## Task goal:
The answer must be a single number: the count of lines in the records below that contain the word "frame".
----- Input material -----
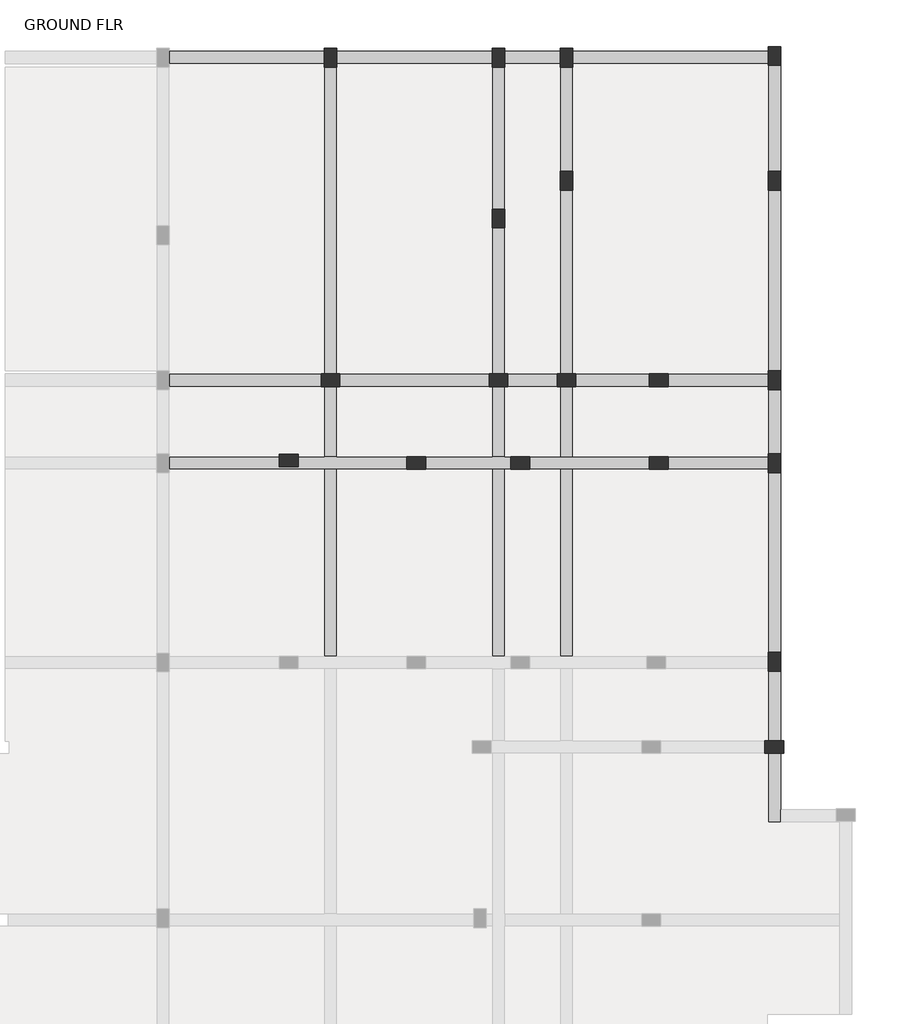
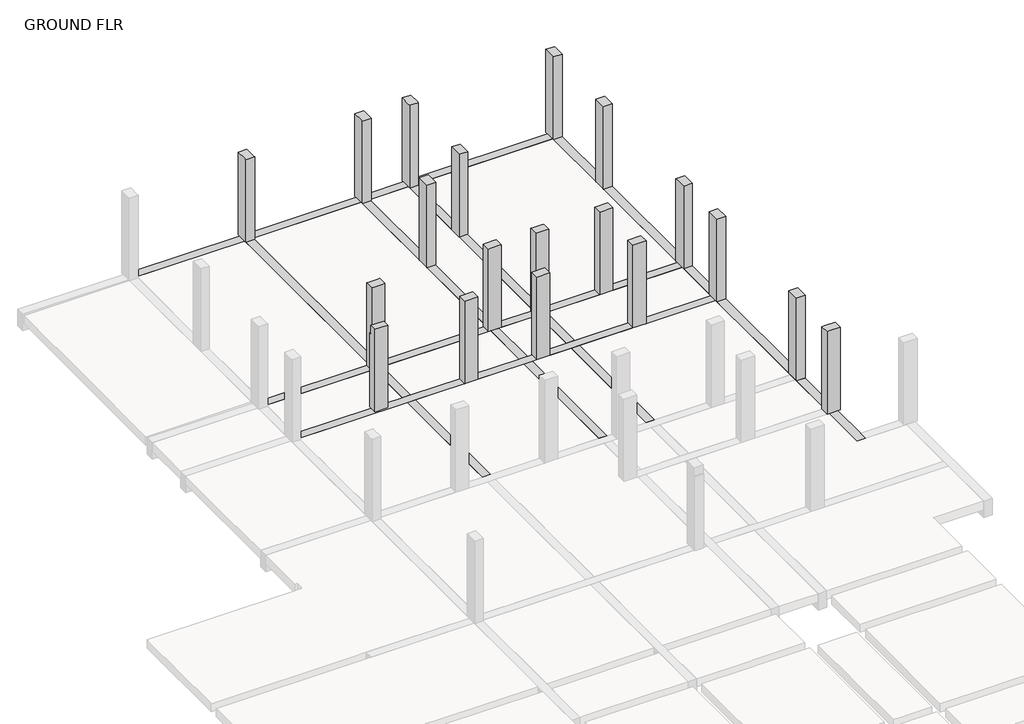
# One storey, part 5 of 5: 30 beams, 19 columns.
"""IFC4 building model written with IfcOpenShell, lengths in millimetres."""

from ifc_helpers import new_model, si_unit, frame, origin, origin_with_axes, place, context, project, spatial, polyline, outline, extrude, faceted_brep, element, save

model = new_model("IFC4")

# Units and contexts
model_context = context("Model", 3, world=origin())
ifc_project = project(units=[si_unit("LENGTHUNIT", "METRE", prefix="MILLI")], contexts=[model_context])

# Site, building, storey
site = spatial("IfcSite", under=ifc_project)
building = spatial("IfcBuilding", under=site)
storey = spatial("IfcBuildingStorey", under=building, Name="GROUND FLR", Elevation=0.0)

# Beams
placement = place(None, origin())
element("IfcBeam", 1, ObjectType="M_Concrete-Rectangular Beam : 300 x 600mm", at=placement, inside=storey, context=model_context, shape_type="Brep", body=[
    faceted_brep([(2024.7296816, 21537.8349362, 0.0), (2024.7296816, 21837.8349362, 0.0), (-1671.7865686, 21837.8349362, 0.0), (-1671.7865686, 21537.8349362, 0.0), (2024.7296816, 21537.8349362, -600.0), (2024.7296816, 21537.8349362, -300.0), (-1671.7865686, 21537.8349362, -300.0), (-1671.7865686, 21537.8349362, -600.0), (2024.7296816, 21837.8349362, -600.0), (-1671.7865686, 21837.8349362, -600.0)], [[[0, 1, 2, 3]], [[4, 5, 0, 3, 6, 7]], [[8, 4, 7, 9]], [[1, 8, 9, 2]], [[2, 9, 7, 6, 3]], [[1, 0, 5, 4, 8]]]),
])
element("IfcBeam", 2, ObjectType="M_Concrete-Rectangular Beam : 300 x 600mm", at=placement, inside=storey, context=model_context, shape_type="Brep", body=[
    faceted_brep([(6032.5248054, 21537.8349362, 0.0), (6032.5248054, 21837.8349362, 0.0), (2324.7296816, 21837.8349362, 0.0), (2324.7296816, 21537.8349362, 0.0), (6032.5248054, 21537.8349362, -600.0), (6032.5248054, 21537.8349362, -300.0), (2324.7296816, 21537.8349362, -300.0), (2324.7296816, 21537.8349362, -600.0), (6032.5248054, 21837.8349362, -600.0), (2324.7296816, 21837.8349362, -600.0)], [[[0, 1, 2, 3]], [[4, 5, 0, 3, 6, 7]], [[8, 4, 7, 9]], [[1, 8, 9, 2]], [[2, 9, 7, 6, 3]], [[1, 0, 5, 4, 8]]]),
])
element("IfcBeam", 3, ObjectType="M_Concrete-Rectangular Beam : 300 x 600mm", at=placement, inside=storey, context=model_context, shape_type="Brep", body=[
    faceted_brep([(7656.8679014, 21537.8349362, 0.0), (7656.8679014, 21837.8349362, 0.0), (6332.5248054, 21837.8349362, 0.0), (6332.5248054, 21537.8349362, 0.0), (7656.8679014, 21537.8349362, -600.0), (7656.8679014, 21537.8349362, -300.0), (6332.5248054, 21537.8349362, -300.0), (6332.5248054, 21537.8349362, -600.0), (7656.8679014, 21837.8349362, -600.0), (6332.5248054, 21837.8349362, -600.0)], [[[0, 1, 2, 3]], [[4, 5, 0, 3, 6, 7]], [[8, 4, 7, 9]], [[1, 8, 9, 2]], [[2, 9, 7, 6, 3]], [[1, 0, 5, 4, 8]]]),
])
element("IfcBeam", 4, ObjectType="M_Concrete-Rectangular Beam : 300 x 600mm", at=placement, inside=storey, context=model_context, shape_type="Brep", body=[
    faceted_brep([(7956.8679014, 21837.8349362, 0.0), (7956.8679014, 21537.8349362, 0.0), (12619.1163908, 21537.8349362, 0.0), (12619.1163908, 21837.8349362, 0.0), (7956.8679014, 21537.8349362, -300.0), (7956.8679014, 21537.8349362, -600.0), (12619.1163908, 21537.8349362, -600.0), (12619.1163908, 21537.8349362, -300.0), (7956.8679014, 21837.8349362, -600.0), (12619.1163908, 21837.8349362, -600.0)], [[[0, 1, 2, 3]], [[1, 4, 5, 6, 7, 2]], [[5, 8, 9, 6]], [[8, 0, 3, 9]], [[0, 8, 5, 4, 1]], [[3, 2, 7, 6, 9]]]),
])
element("IfcBeam", 5, ObjectType="M_Concrete-Rectangular Beam : 300 x 600mm", at=placement, inside=storey, context=model_context, shape_type="Brep", body=[
    faceted_brep([(12916.8679014, 5087.6057249, 0.0), (12616.8679014, 5087.6057249, 0.0), (12616.8679014, 3435.7536525, 0.0), (12916.8679014, 3435.7536525, 0.0), (12916.8679014, 3735.7536525, 0.0), (12616.8679014, 5087.6057249, -300.0), (12616.8679014, 5087.6057249, -600.0), (12616.8679014, 3435.7536525, -600.0), (12616.8679014, 3435.7536525, -300.0), (12916.8679014, 5087.6057249, -600.0), (12916.8679014, 3735.7536525, -600.0), (12916.8679014, 3435.7536525, -600.0), (12916.8679014, 3435.7536525, -300.0)], [[[0, 1, 2, 3, 4]], [[2, 1, 5, 6, 7, 8]], [[6, 9, 10, 11, 7]], [[9, 0, 4, 3, 12, 11, 10]], [[0, 9, 6, 5, 1]], [[3, 2, 8, 7, 11, 12]]]),
])
element("IfcBeam", 6, ObjectType="M_Concrete-Rectangular Beam : 300 x 600mm", at=placement, inside=storey, context=model_context, shape_type="Brep", body=[
    faceted_brep([(12616.8679014, 5387.6057249, 0.0), (12916.8679014, 5387.6057249, 0.0), (12916.8679014, 7044.7076276, 0.0), (12619.1163908, 7044.7076276, 0.0), (12619.1163908, 7399.7076276, 0.0), (12616.8679014, 7399.7076276, 0.0), (12616.8679014, 7099.7076276, 0.0), (12616.8679014, 7399.7076276, -600.0), (12616.8679014, 7099.7076276, -600.0), (12616.8679014, 5387.6057249, -600.0), (12616.8679014, 5387.6057249, -300.0), (12616.8679014, 7399.7076276, -300.0), (12916.8679014, 5387.6057249, -600.0), (12619.1163908, 7399.7076276, -600.0), (12619.1163908, 7044.7076276, -600.0), (12916.8679014, 7044.7076276, -600.0)], [[[0, 1, 2, 3, 4, 5, 6]], [[7, 8, 9, 10, 0, 6, 5, 11]], [[12, 9, 8, 7, 13, 14, 15]], [[1, 12, 15, 2]], [[1, 0, 10, 9, 12]], [[14, 3, 2, 15]], [[3, 14, 13, 4]], [[5, 4, 13, 7, 11]]]),
])
element("IfcBeam", 7, ObjectType="M_Concrete-Rectangular Beam : 300 x 600mm", at=placement, inside=storey, context=model_context, shape_type="SweptSolid", body=[
    extrude(outline(polyline([(12619.1163908, 11782.4075451), (12919.1163908, 11782.4075451), (12919.1163908, 7494.7076276), (12619.1163908, 7494.7076276), (12619.1163908, 11782.4075451)])), frame((0.0, 0.0, -600.0), z_axis=(0.0, 0.0, 1.0), x_axis=(1.0, 0.0, 0.0)), (0.0, 0.0, 1.0), 600.0),
])
element("IfcBeam", 8, ObjectType="M_Concrete-Rectangular Beam : 300 x 600mm", at=placement, inside=storey, context=model_context, shape_type="Brep", body=[
    faceted_brep([(12619.1163908, 13762.5179708, 0.0), (12619.1163908, 12232.4075451, 0.0), (12919.1163908, 12232.4075451, 0.0), (12919.1163908, 13762.5179708, 0.0), (12919.1163908, 12232.4075451, -600.0), (12919.1163908, 13762.5179708, -600.0), (12619.1163908, 12232.4075451, -600.0), (12619.1163908, 13762.5179708, -600.0), (12619.1163908, 13762.5179708, -300.0), (12619.1163908, 12232.4075451, -300.0)], [[[0, 1, 2, 3]], [[3, 2, 4, 5]], [[5, 4, 6, 7]], [[1, 0, 8, 7, 6, 9]], [[0, 3, 5, 7, 8]], [[6, 4, 2, 1, 9]]]),
])
element("IfcBeam", 9, ObjectType="M_Concrete-Rectangular Beam : 300 x 600mm", at=placement, inside=storey, context=model_context, shape_type="Brep", body=[
    faceted_brep([(12619.1163908, 18524.7148651, 0.0), (12619.1163908, 14212.5179708, 0.0), (12919.1163908, 14212.5179708, 0.0), (12919.1163908, 18524.7148651, 0.0), (12919.1163908, 14212.5179708, -600.0), (12919.1163908, 18524.7148651, -600.0), (12619.1163908, 14212.5179708, -600.0), (12619.1163908, 18524.7148651, -600.0), (12619.1163908, 18524.7148651, -300.0), (12619.1163908, 14212.5179708, -300.0)], [[[0, 1, 2, 3]], [[3, 2, 4, 5]], [[5, 4, 6, 7]], [[1, 0, 8, 7, 6, 9]], [[0, 3, 5, 7, 8]], [[6, 4, 2, 1, 9]]]),
])
element("IfcBeam", 10, ObjectType="M_Concrete-Rectangular Beam : 300 x 600mm", at=placement, inside=storey, context=model_context, shape_type="Brep", body=[
    faceted_brep([(12619.1163908, 21502.8349362, 0.0), (12619.1163908, 18974.7148651, 0.0), (12919.1163908, 18974.7148651, 0.0), (12919.1163908, 21502.8349362, 0.0), (12919.1163908, 18974.7148651, -600.0), (12919.1163908, 21502.8349362, -600.0), (12619.1163908, 18974.7148651, -600.0), (12619.1163908, 21502.8349362, -600.0), (12619.1163908, 21502.8349362, -300.0), (12619.1163908, 18974.7148651, -300.0)], [[[0, 1, 2, 3]], [[3, 2, 4, 5]], [[5, 4, 6, 7]], [[1, 0, 8, 7, 6, 9]], [[6, 4, 2, 1, 9]], [[0, 3, 5, 7, 8]]]),
])
element("IfcBeam", 11, ObjectType="M_Concrete-Rectangular Beam : 300 x 600mm", at=placement, inside=storey, context=model_context, shape_type="Brep", body=[
    faceted_brep([(2324.7296816, 21462.8349362, 0.0), (2024.7296816, 21462.8349362, 0.0), (2024.7296816, 14137.5179708, 0.0), (2324.7296816, 14137.5179708, 0.0), (2024.7296816, 21462.8349362, -300.0), (2024.7296816, 21462.8349362, -600.0), (2024.7296816, 14137.5179708, -600.0), (2024.7296816, 14137.5179708, -300.0), (2324.7296816, 21462.8349362, -600.0), (2324.7296816, 14137.5179708, -600.0), (2324.7296816, 14137.5179708, -300.0), (2324.7296816, 21462.8349362, -300.0)], [[[0, 1, 2, 3]], [[2, 1, 4, 5, 6, 7]], [[5, 8, 9, 6]], [[0, 3, 10, 9, 8, 11]], [[1, 0, 11, 8, 5, 4]], [[3, 2, 7, 6, 9, 10]]]),
])
element("IfcBeam", 12, ObjectType="M_Concrete-Rectangular Beam : 300 x 600mm", at=placement, inside=storey, context=model_context, shape_type="Brep", body=[
    faceted_brep([(2324.7296816, 13837.5179708, 0.0), (2024.7296816, 13837.5179708, 0.0), (2024.7296816, 12157.4075451, 0.0), (2324.7296816, 12157.4075451, 0.0), (2024.7296816, 13837.5179708, -300.0), (2024.7296816, 13837.5179708, -600.0), (2024.7296816, 12157.4075451, -600.0), (2024.7296816, 12157.4075451, -300.0), (2324.7296816, 13837.5179708, -600.0), (2324.7296816, 12157.4075451, -600.0), (2324.7296816, 12157.4075451, -300.0), (2324.7296816, 13837.5179708, -300.0)], [[[0, 1, 2, 3]], [[2, 1, 4, 5, 6, 7]], [[5, 8, 9, 6]], [[0, 3, 10, 9, 8, 11]], [[1, 0, 11, 8, 5, 4]], [[3, 2, 7, 6, 9, 10]]]),
])
element("IfcBeam", 13, ObjectType="M_Concrete-Rectangular Beam : 300 x 600mm", at=placement, inside=storey, context=model_context, shape_type="Brep", body=[
    faceted_brep([(6332.5248054, 21462.8349362, 0.0), (6032.5248054, 21462.8349362, 0.0), (6032.5248054, 18074.7148651, 0.0), (6332.5248054, 18074.7148651, 0.0), (6032.5248054, 21462.8349362, -300.0), (6032.5248054, 21462.8349362, -600.0), (6032.5248054, 18074.7148651, -600.0), (6032.5248054, 18074.7148651, -300.0), (6332.5248054, 21462.8349362, -600.0), (6332.5248054, 18074.7148651, -600.0), (6332.5248054, 18074.7148651, -300.0), (6332.5248054, 21462.8349362, -300.0)], [[[0, 1, 2, 3]], [[2, 1, 4, 5, 6, 7]], [[5, 8, 9, 6]], [[0, 3, 10, 9, 8, 11]], [[1, 0, 11, 8, 5, 4]], [[3, 2, 7, 6, 9, 10]]]),
])
element("IfcBeam", 14, ObjectType="M_Concrete-Rectangular Beam : 300 x 600mm", at=placement, inside=storey, context=model_context, shape_type="Brep", body=[
    faceted_brep([(6332.5248054, 17624.7148651, 0.0), (6032.5248054, 17624.7148651, 0.0), (6032.5248054, 14137.5179708, 0.0), (6332.5248054, 14137.5179708, 0.0), (6032.5248054, 17624.7148651, -300.0), (6032.5248054, 17624.7148651, -600.0), (6032.5248054, 14137.5179708, -600.0), (6032.5248054, 14137.5179708, -300.0), (6332.5248054, 17624.7148651, -600.0), (6332.5248054, 14137.5179708, -600.0), (6332.5248054, 14137.5179708, -300.0), (6332.5248054, 17624.7148651, -300.0)], [[[0, 1, 2, 3]], [[2, 1, 4, 5, 6, 7]], [[5, 8, 9, 6]], [[0, 3, 10, 9, 8, 11]], [[1, 0, 11, 8, 5, 4]], [[3, 2, 7, 6, 9, 10]]]),
])
element("IfcBeam", 15, ObjectType="M_Concrete-Rectangular Beam : 300 x 600mm", at=placement, inside=storey, context=model_context, shape_type="Brep", body=[
    faceted_brep([(6332.5248054, 13837.5179708, 0.0), (6032.5248054, 13837.5179708, 0.0), (6032.5248054, 12157.4075451, 0.0), (6332.5248054, 12157.4075451, 0.0), (6032.5248054, 13837.5179708, -300.0), (6032.5248054, 13837.5179708, -600.0), (6032.5248054, 12157.4075451, -600.0), (6032.5248054, 12157.4075451, -300.0), (6332.5248054, 13837.5179708, -600.0), (6332.5248054, 12157.4075451, -600.0), (6332.5248054, 12157.4075451, -300.0), (6332.5248054, 13837.5179708, -300.0)], [[[0, 1, 2, 3]], [[2, 1, 4, 5, 6, 7]], [[5, 8, 9, 6]], [[0, 3, 10, 9, 8, 11]], [[1, 0, 11, 8, 5, 4]], [[3, 2, 7, 6, 9, 10]]]),
])
element("IfcBeam", 16, ObjectType="M_Concrete-Rectangular Beam : 300 x 600mm", at=placement, inside=storey, context=model_context, shape_type="Brep", body=[
    faceted_brep([(7956.8679014, 21462.8349362, 0.0), (7656.8679014, 21462.8349362, 0.0), (7656.8679014, 18974.7148651, 0.0), (7956.8679014, 18974.7148651, 0.0), (7656.8679014, 21462.8349362, -300.0), (7656.8679014, 21462.8349362, -600.0), (7656.8679014, 18974.7148651, -600.0), (7656.8679014, 18974.7148651, -300.0), (7956.8679014, 21462.8349362, -600.0), (7956.8679014, 18974.7148651, -600.0), (7956.8679014, 18974.7148651, -300.0), (7956.8679014, 21462.8349362, -300.0)], [[[0, 1, 2, 3]], [[2, 1, 4, 5, 6, 7]], [[5, 8, 9, 6]], [[0, 3, 10, 9, 8, 11]], [[1, 0, 11, 8, 5, 4]], [[3, 2, 7, 6, 9, 10]]]),
])
element("IfcBeam", 17, ObjectType="M_Concrete-Rectangular Beam : 300 x 600mm", at=placement, inside=storey, context=model_context, shape_type="Brep", body=[
    faceted_brep([(7956.8679014, 18524.7148651, 0.0), (7656.8679014, 18524.7148651, 0.0), (7656.8679014, 14137.5179708, 0.0), (7956.8679014, 14137.5179708, 0.0), (7656.8679014, 18524.7148651, -300.0), (7656.8679014, 18524.7148651, -600.0), (7656.8679014, 14137.5179708, -600.0), (7656.8679014, 14137.5179708, -300.0), (7956.8679014, 18524.7148651, -600.0), (7956.8679014, 14137.5179708, -600.0), (7956.8679014, 14137.5179708, -300.0), (7956.8679014, 18524.7148651, -300.0)], [[[0, 1, 2, 3]], [[2, 1, 4, 5, 6, 7]], [[5, 8, 9, 6]], [[0, 3, 10, 9, 8, 11]], [[1, 0, 11, 8, 5, 4]], [[3, 2, 7, 6, 9, 10]]]),
])
element("IfcBeam", 18, ObjectType="M_Concrete-Rectangular Beam : 300 x 600mm", at=placement, inside=storey, context=model_context, shape_type="Brep", body=[
    faceted_brep([(7956.8679014, 13837.5179708, 0.0), (7656.8679014, 13837.5179708, 0.0), (7656.8679014, 12157.4075451, 0.0), (7956.8679014, 12157.4075451, 0.0), (7656.8679014, 13837.5179708, -300.0), (7656.8679014, 13837.5179708, -600.0), (7656.8679014, 12157.4075451, -600.0), (7656.8679014, 12157.4075451, -300.0), (7956.8679014, 13837.5179708, -600.0), (7956.8679014, 12157.4075451, -600.0), (7956.8679014, 12157.4075451, -300.0), (7956.8679014, 13837.5179708, -300.0)], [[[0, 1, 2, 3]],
-----
## Output for this exercise:
2